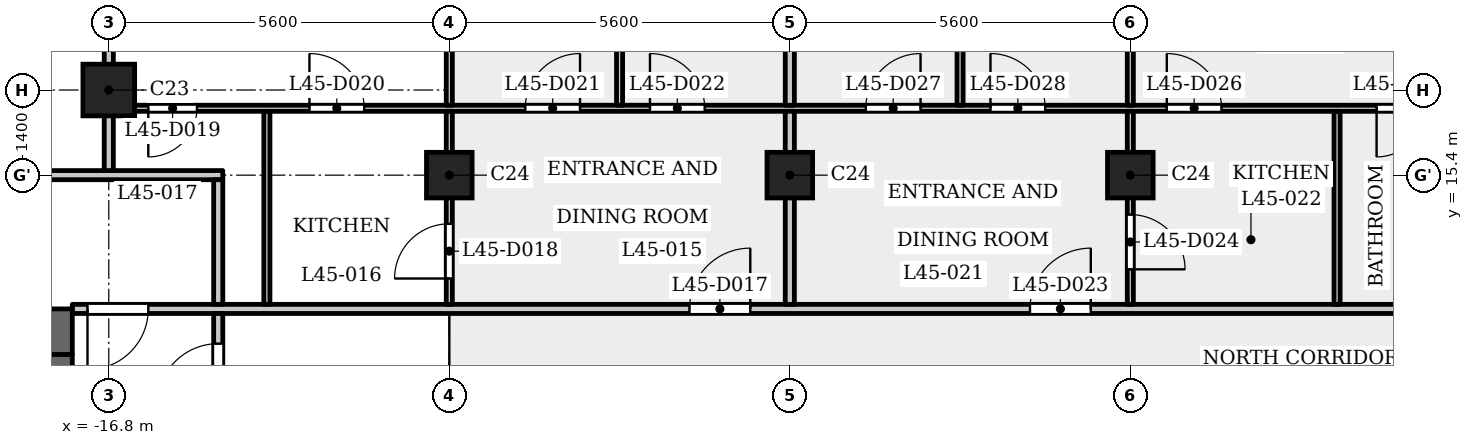
"""IFC4 building model, lengths in metres.
Left out: names, types, materials, properties, quantities, classifications, styles, units other than length and angle.
Written with IfcOpenShell. Run it as: python <this file> out.ifc"""

import sys

from ifc_helpers import new_model, si_unit, direction, frame, frame_2d, origin, origin_2d, place, context, subcontext, project, spatial, rectangle, extrude, element, fill, save


model = new_model("IFC4")
c1 = context("Model", 3, precision=1e-05, world=origin(), true_north=direction((0.0, 1.0)))
c2 = subcontext(c1, "Body", "Model", "MODEL_VIEW")
j1 = project(units=[si_unit("LENGTHUNIT", "METRE"), si_unit("PLANEANGLEUNIT", "RADIAN")], contexts=[c1])
p1 = place(None, origin())
s1 = spatial("IfcSite", under=j1, at=p1, CompositionType="ELEMENT")
p2 = place(p1, origin())
s2 = spatial("IfcBuilding", under=s1, at=p2, CompositionType="ELEMENT")
p3 = place(p2, frame((0.0, 0.0, 174.6)))
s3 = spatial("IfcBuildingStorey", under=s2, at=p3, CompositionType="ELEMENT", Elevation=174.6)
p4 = place(p3, frame((-16.8, 16.8, 0.0), z_axis=(0.0, 0.0, 1.0), x_axis=(1.0, 0.0, 0.0)))
e1 = element("IfcColumn", 1, at=p4, inside=s3, PredefinedType="COLUMN", context=c2, shape_type="SweptSolid", body=[
    extrude(rectangle(XDim=0.85, YDim=0.85, at=origin_2d()), origin(), (0.0, 0.0, 1.0), 3.5),
])
for number, where, z_axis, x_axis in (
    (2, (-11.2, 15.4, 0.0), (0.0, 0.0, 1.0), (1.0, 0.0, 0.0)),
    (3, (-5.6, 15.4, 0.0), (0.0, 0.0, 1.0), (1.0, 0.0, 0.0)),
    (4, (0.0, 15.4, 0.0), (0.0, 0.0, 1.0), (1.0, 0.0, 0.0)),
):
    element("IfcColumn", number, at=place(p3, frame(where, z_axis=z_axis, x_axis=x_axis)), inside=s3, PredefinedType="COLUMN", context=c2, shape_type="SweptSolid", body=[
        extrude(rectangle(XDim=0.75, YDim=0.75, at=origin_2d()), origin(), (0.0, 0.0, 1.0), 3.5),
    ])
p5 = place(p3, frame((-17.4, 12.825, 0.0), z_axis=(0.0, 0.0, 1.0), x_axis=(-1.0, 0.0, 0.0)))
e5 = element("IfcWall", 5, at=p5, inside=s3, PredefinedType="SHEAR", context=c2, shape_type="SweptSolid", body=[
    extrude(rectangle(XDim=10.4, YDim=0.75, at=frame_2d((5.2, 0.0))), origin(), (0.0, 0.0, 1.0), 3.15),
])
p6 = place(p3, frame((-17.6, -12.45, 0.0), z_axis=(0.0, 0.0, 1.0), x_axis=(0.0, 1.0, 0.0)))
e6 = element("IfcWall", 6, at=p6, inside=s3, PredefinedType="SHEAR", context=c2, shape_type="SweptSolid", body=[
    extrude(rectangle(XDim=24.9, YDim=0.4, at=frame_2d((12.45, 0.0))), origin(), (0.0, 0.0, 1.0), 3.15),
])
p7 = place(p6, frame((8.65, 0.0, 0.0)))
e7 = element("IfcOpeningElement", 7, at=p7, cuts=e6, PredefinedType="OPENING", context=c2, shape_type="SweptSolid", body=[
    extrude(rectangle(XDim=0.9, YDim=2.1, at=frame_2d((0.45, 1.05))), frame((0.0, 0.21, 0.0), z_axis=(0.0, -1.0, 0.0), x_axis=(1.0, 0.0, 0.0)), (0.0, 0.0, 1.0), 0.42),
])
p8 = place(p6, frame((15.6, 0.0, 0.0)))
e8 = element("IfcOpeningElement", 8, at=p8, cuts=e6, PredefinedType="OPENING", context=c2, shape_type="SweptSolid", body=[
    extrude(rectangle(XDim=1.1, YDim=2.1, at=frame_2d((0.55, 1.05))), frame((0.0, 0.21, 0.0), z_axis=(0.0, -1.0, 0.0), x_axis=(1.0, 0.0, 0.0)), (0.0, 0.0, 1.0), 0.42),
])
p9 = place(p6, frame((18.0, 0.0, 0.0)))
e9 = element("IfcOpeningElement", 9, at=p9, cuts=e6, PredefinedType="OPENING", context=c2, shape_type="SweptSolid", body=[
    extrude(rectangle(XDim=1.1, YDim=2.1, at=frame_2d((0.55, 1.05))), frame((0.0, 0.21, 0.0), z_axis=(0.0, -1.0, 0.0), x_axis=(1.0, 0.0, 0.0)), (0.0, 0.0, 1.0), 0.42),
])
p10 = place(p6, frame((23.025, 0.0, 0.0)))
e10 = element("IfcOpeningElement", 10, at=p10, cuts=e6, PredefinedType="OPENING", context=c2, shape_type="SweptSolid", body=[
    extrude(rectangle(XDim=1.1, YDim=2.1, at=frame_2d((0.55, 1.05))), frame((0.0, 0.21, 0.0), z_axis=(0.0, -1.0, 0.0), x_axis=(1.0, 0.0, 0.0)), (0.0, 0.0, 1.0), 0.42),
])
p11 = place(p6, frame((0.775, 0.0, 0.0)))
e11 = element("IfcOpeningElement", 11, at=p11, cuts=e6, PredefinedType="OPENING", context=c2, shape_type="SweptSolid", body=[
    extrude(rectangle(XDim=1.1, YDim=2.1, at=frame_2d((0.55, 1.05))), frame((0.0, 0.21, 0.0), z_axis=(0.0, -1.0, 0.0), x_axis=(1.0, 0.0, 0.0)), (0.0, 0.0, 1.0), 0.42),
])
p12 = place(p6, frame((12.925, 0.0, 0.0)))
e12 = element("IfcOpeningElement", 12, at=p12, cuts=e6, PredefinedType="OPENING", context=c2, shape_type="SweptSolid", body=[
    extrude(rectangle(XDim=1.8, YDim=2.1, at=frame_2d((0.9, 1.05))), frame((0.0, 0.21, 0.0), z_axis=(0.0, -1.0, 0.0), x_axis=(1.0, 0.0, 0.0)), (0.0, 0.0, 1.0), 0.42),
])
p13 = place(p3, frame((-17.4, 13.2, 0.0), z_axis=(0.0, 0.0, 1.0), x_axis=(1.0, 0.0, 0.0)))
e13 = element("IfcWall", 13, at=p13, inside=s3, PredefinedType="PARTITIONING", context=c2, shape_type="SweptSolid", body=[
    extrude(rectangle(XDim=34.8, YDim=0.15, at=frame_2d((17.4, 0.0))), origin(), (0.0, 0.0, 1.0), 3.15),
])
p14 = place(p13, frame((0.25, 0.0, 0.0)))
e14 = element("IfcOpeningElement", 14, at=p14, cuts=e13, PredefinedType="OPENING", context=c2, shape_type="SweptSolid", body=[
    extrude(rectangle(XDim=1.0, YDim=2.1, at=frame_2d((0.5, 1.05))), frame((0.0, 0.085, 0.0), z_axis=(0.0, -1.0, 0.0), x_axis=(1.0, 0.0, 0.0)), (0.0, 0.0, 1.0), 0.17),
])
p15 = place(p13, frame((33.65, 0.0, 0.0)))
e15 = element("IfcOpeningElement", 15, at=p15, cuts=e13, PredefinedType="OPENING", context=c2, shape_type="SweptSolid", body=[
    extrude(rectangle(XDim=1.0, YDim=2.1, at=frame_2d((0.5, 1.05))), frame((0.0, 0.085, 0.0), z_axis=(0.0, -1.0, 0.0), x_axis=(1.0, 0.0, 0.0)), (0.0, 0.0, 1.0), 0.17),
])
p16 = place(p13, frame((10.15, 0.0, 0.0)))
e16 = element("IfcOpeningElement", 16, at=p16, cuts=e13, PredefinedType="OPENING", context=c2, shape_type="SweptSolid", body=[
    extrude(rectangle(XDim=1.0, YDim=2.1, at=frame_2d((0.5, 1.05))), frame((0.0, 0.085, 0.0), z_axis=(0.0, -1.0, 0.0), x_axis=(1.0, 0.0, 0.0)), (0.0, 0.0, 1.0), 0.17),
])
p17 = place(p13, frame((15.75, 0.0, 0.0)))
e17 = element("IfcOpeningElement", 17, at=p17, cuts=e13, PredefinedType="OPENING", context=c2, shape_type="SweptSolid", body=[
    extrude(rectangle(XDim=1.0, YDim=2.1, at=frame_2d((0.5, 1.05))), frame((0.0, 0.085, 0.0), z_axis=(0.0, -1.0, 0.0), x_axis=(1.0, 0.0, 0.0)), (0.0, 0.0, 1.0), 0.17),
])
p18 = place(p13, frame((24.95, 0.0, 0.0)))
e18 = element("IfcOpeningElement", 18, at=p18, cuts=e13, PredefinedType="OPENING", context=c2, shape_type="SweptSolid", body=[
    extrude(rectangle(XDim=1.0, YDim=2.1, at=frame_2d((0.5, 1.05))), frame((0.0, 0.085, 0.0), z_axis=(0.0, -1.0, 0.0), x_axis=(1.0, 0.0, 0.0)), (0.0, 0.0, 1.0), 0.17),
])
p19 = place(p13, frame((29.95, 0.0, 0.0)))
e19 = element("IfcOpeningElement", 19, at=p19, cuts=e13, PredefinedType="OPENING", context=c2, shape_type="SweptSolid", body=[
    extrude(rectangle(XDim=1.0, YDim=2.1, at=frame_2d((0.5, 1.05))), frame((0.0, 0.085, 0.0), z_axis=(0.0, -1.0, 0.0), x_axis=(1.0, 0.0, 0.0)), (0.0, 0.0, 1.0), 0.17),
])
p20 = place(p3, frame((-27.484, 15.4, 0.0), z_axis=(0.0, 0.0, 1.0), x_axis=(1.0, 0.0, 0.0)))
e20 = element("IfcWall", 20, at=p20, inside=s3, PredefinedType="PARTITIONING", context=c2, shape_type="SweptSolid", body=[
    extrude(rectangle(XDim=12.559, YDim=0.15, at=frame_2d((6.279, 0.0))), origin(), (0.0, 0.0, 1.0), 3.15),
])
p21 = place(p20, frame((5.784, 0.0, 0.0)))
e21 = element("IfcOpeningElement", 21, at=p21, cuts=e20, PredefinedType="OPENING", context=c2, shape_type="SweptSolid", body=[
    extrude(rectangle(XDim=1.0, YDim=2.1, at=frame_2d((0.5, 1.05))), frame((0.0, 0.085, 0.0), z_axis=(0.0, -1.0, 0.0), x_axis=(1.0, 0.0, 0.0)), (0.0, 0.0, 1.0), 0.17),
])
p22 = place(p3, frame((-16.725, 16.5, 0.0), z_axis=(0.0, 0.0, 1.0), x_axis=(1.0, 0.0, 0.0)))
e22 = element("IfcWall", 22, at=p22, inside=s3, PredefinedType="PARTITIONING", context=c2, shape_type="SweptSolid", body=[
    extrude(rectangle(XDim=33.45, YDim=0.1, at=frame_2d((16.725, 0.0))), origin(), (0.0, 0.0, 1.0), 3.15),
])
p23 = place(p22, frame((0.575, 0.0, 0.0)))
e23 = element("IfcOpeningElement", 23, at=p23, cuts=e22, PredefinedType="OPENING", context=c2, shape_type="SweptSolid", body=[
    extrude(rectangle(XDim=0.8, YDim=2.1, at=frame_2d((0.4, 1.05))), frame((0.0, 0.06, 0.0), z_axis=(0.0, -1.0, 0.0), x_axis=(1.0, 0.0, 0.0)), (0.0, 0.0, 1.0), 0.12),
])
p24 = place(p22, frame((3.225, 0.0, 0.0)))
e24 = element("IfcOpeningElement", 24, at=p24, cuts=e22, PredefinedType="OPENING", context=c2, shape_type="SweptSolid", body=[
    extrude(rectangle(XDim=0.9, YDim=2.1, at=frame_2d((0.45, 1.05))), frame((0.0, 0.06, 0.0), z_axis=(0.0, -1.0, 0.0), x_axis=(1.0, 0.0, 0.0)), (0.0, 0.0, 1.0), 0.12),
])
p25 = place(p22, frame((6.775, 0.0, 0.0)))
e25 = element("IfcOpeningElement", 25, at=p25, cuts=e22, PredefinedType="OPENING", context=c2, shape_type="SweptSolid", body=[
    extrude(rectangle(XDim=0.9, YDim=2.1, at=frame_2d((0.45, 1.05))), frame((0.0, 0.06, 0.0), z_axis=(0.0, -1.0, 0.0), x_axis=(1.0, 0.0, 0.0)), (0.0, 0.0, 1.0), 0.12),
])
p26 = place(p22, frame((8.825, 0.0, 0.0)))
e26 = element("IfcOpeningElement", 26, at=p26, cuts=e22, PredefinedType="OPENING", context=c2, shape_type="SweptSolid", body=[
    extrude(rectangle(XDim=0.9, YDim=2.1, at=frame_2d((0.45, 1.05))), frame((0.0, 0.06, 0.0), z_axis=(0.0, -1.0, 0.0), x_axis=(1.0, 0.0, 0.0)), (0.0, 0.0, 1.0), 0.12),
])
p27 = place(p22, frame((20.775, 0.0, 0.0)))
e27 = element("IfcOpeningElement", 27, at=p27, cuts=e22, PredefinedType="OPENING", context=c2, shape_type="SweptSolid", body=[
    extrude(rectangle(XDim=0.8, YDim=2.1, at=frame_2d((0.4, 1.05))), frame((0.0, 0.06, 0.0), z_axis=(0.0, -1.0, 0.0), x_axis=(1.0, 0.0, 0.0)), (0.0, 0.0, 1.0), 0.12),
])
p28 = place(p22, frame((17.325, 0.0, 0.0)))
e28 = element("IfcOpeningElement", 28, at=p28, cuts=e22, PredefinedType="OPENING", context=c2, shape_type="SweptSolid", body=[
    extrude(rectangle(XDim=0.9, YDim=2.1, at=frame_2d((0.45, 1.05))), frame((0.0, 0.06, 0.0), z_axis=(0.0, -1.0, 0.0), x_axis=(1.0, 0.0, 0.0)), (0.0, 0.0, 1.0), 0.12),
])
p29 = place(p22, frame((12.375, 0.0, 0.0)))
e29 = element("IfcOpeningElement", 29, at=p29, cuts=e22, PredefinedType="OPENING", context=c2, shape_type="SweptSolid", body=[
    extrude(rectangle(XDim=0.9, YDim=2.1, at=frame_2d((0.45, 1.05))), frame((0.0, 0.06, 0.0), z_axis=(0.0, -1.0, 0.0), x_axis=(1.0, 0.0, 0.0)), (0.0, 0.0, 1.0), 0.12),
])
p30 = place(p22, frame((14.425, 0.0, 0.0)))
e30 = element("IfcOpeningElement", 30, at=p30, cuts=e22, PredefinedType="OPENING", context=c2, shape_type="SweptSolid", body=[
    extrude(rectangle(XDim=0.9, YDim=2.1, at=frame_2d((0.45, 1.05))), frame((0.0, 0.06, 0.0), z_axis=(0.0, -1.0, 0.0), x_axis=(1.0, 0.0, 0.0)), (0.0, 0.0, 1.0), 0.12),
])
p31 = place(p22, frame((26.575, 0.0, 0.0)))
e31 = element("IfcOpeningElement", 31, at=p31, cuts=e22, PredefinedType="OPENING", context=c2, shape_type="SweptSolid", body=[
    extrude(rectangle(XDim=0.8, YDim=2.1, at=frame_2d((0.4, 1.05))), frame((0.0, 0.06, 0.0), z_axis=(0.0, -1.0, 0.0), x_axis=(1.0, 0.0, 0.0)), (0.0, 0.0, 1.0), 0.12),
])
p32 = place(p22, frame((23.775, 0.0, 0.0)))
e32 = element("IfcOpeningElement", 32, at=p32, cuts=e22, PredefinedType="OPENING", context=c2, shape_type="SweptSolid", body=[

> [PROBLEM TO WORK ON]: Work out how many lines of the listing above include "PARTITIONING"; the reply is that number alone.

> [RESPONSE TO THE EXERCISE]: 3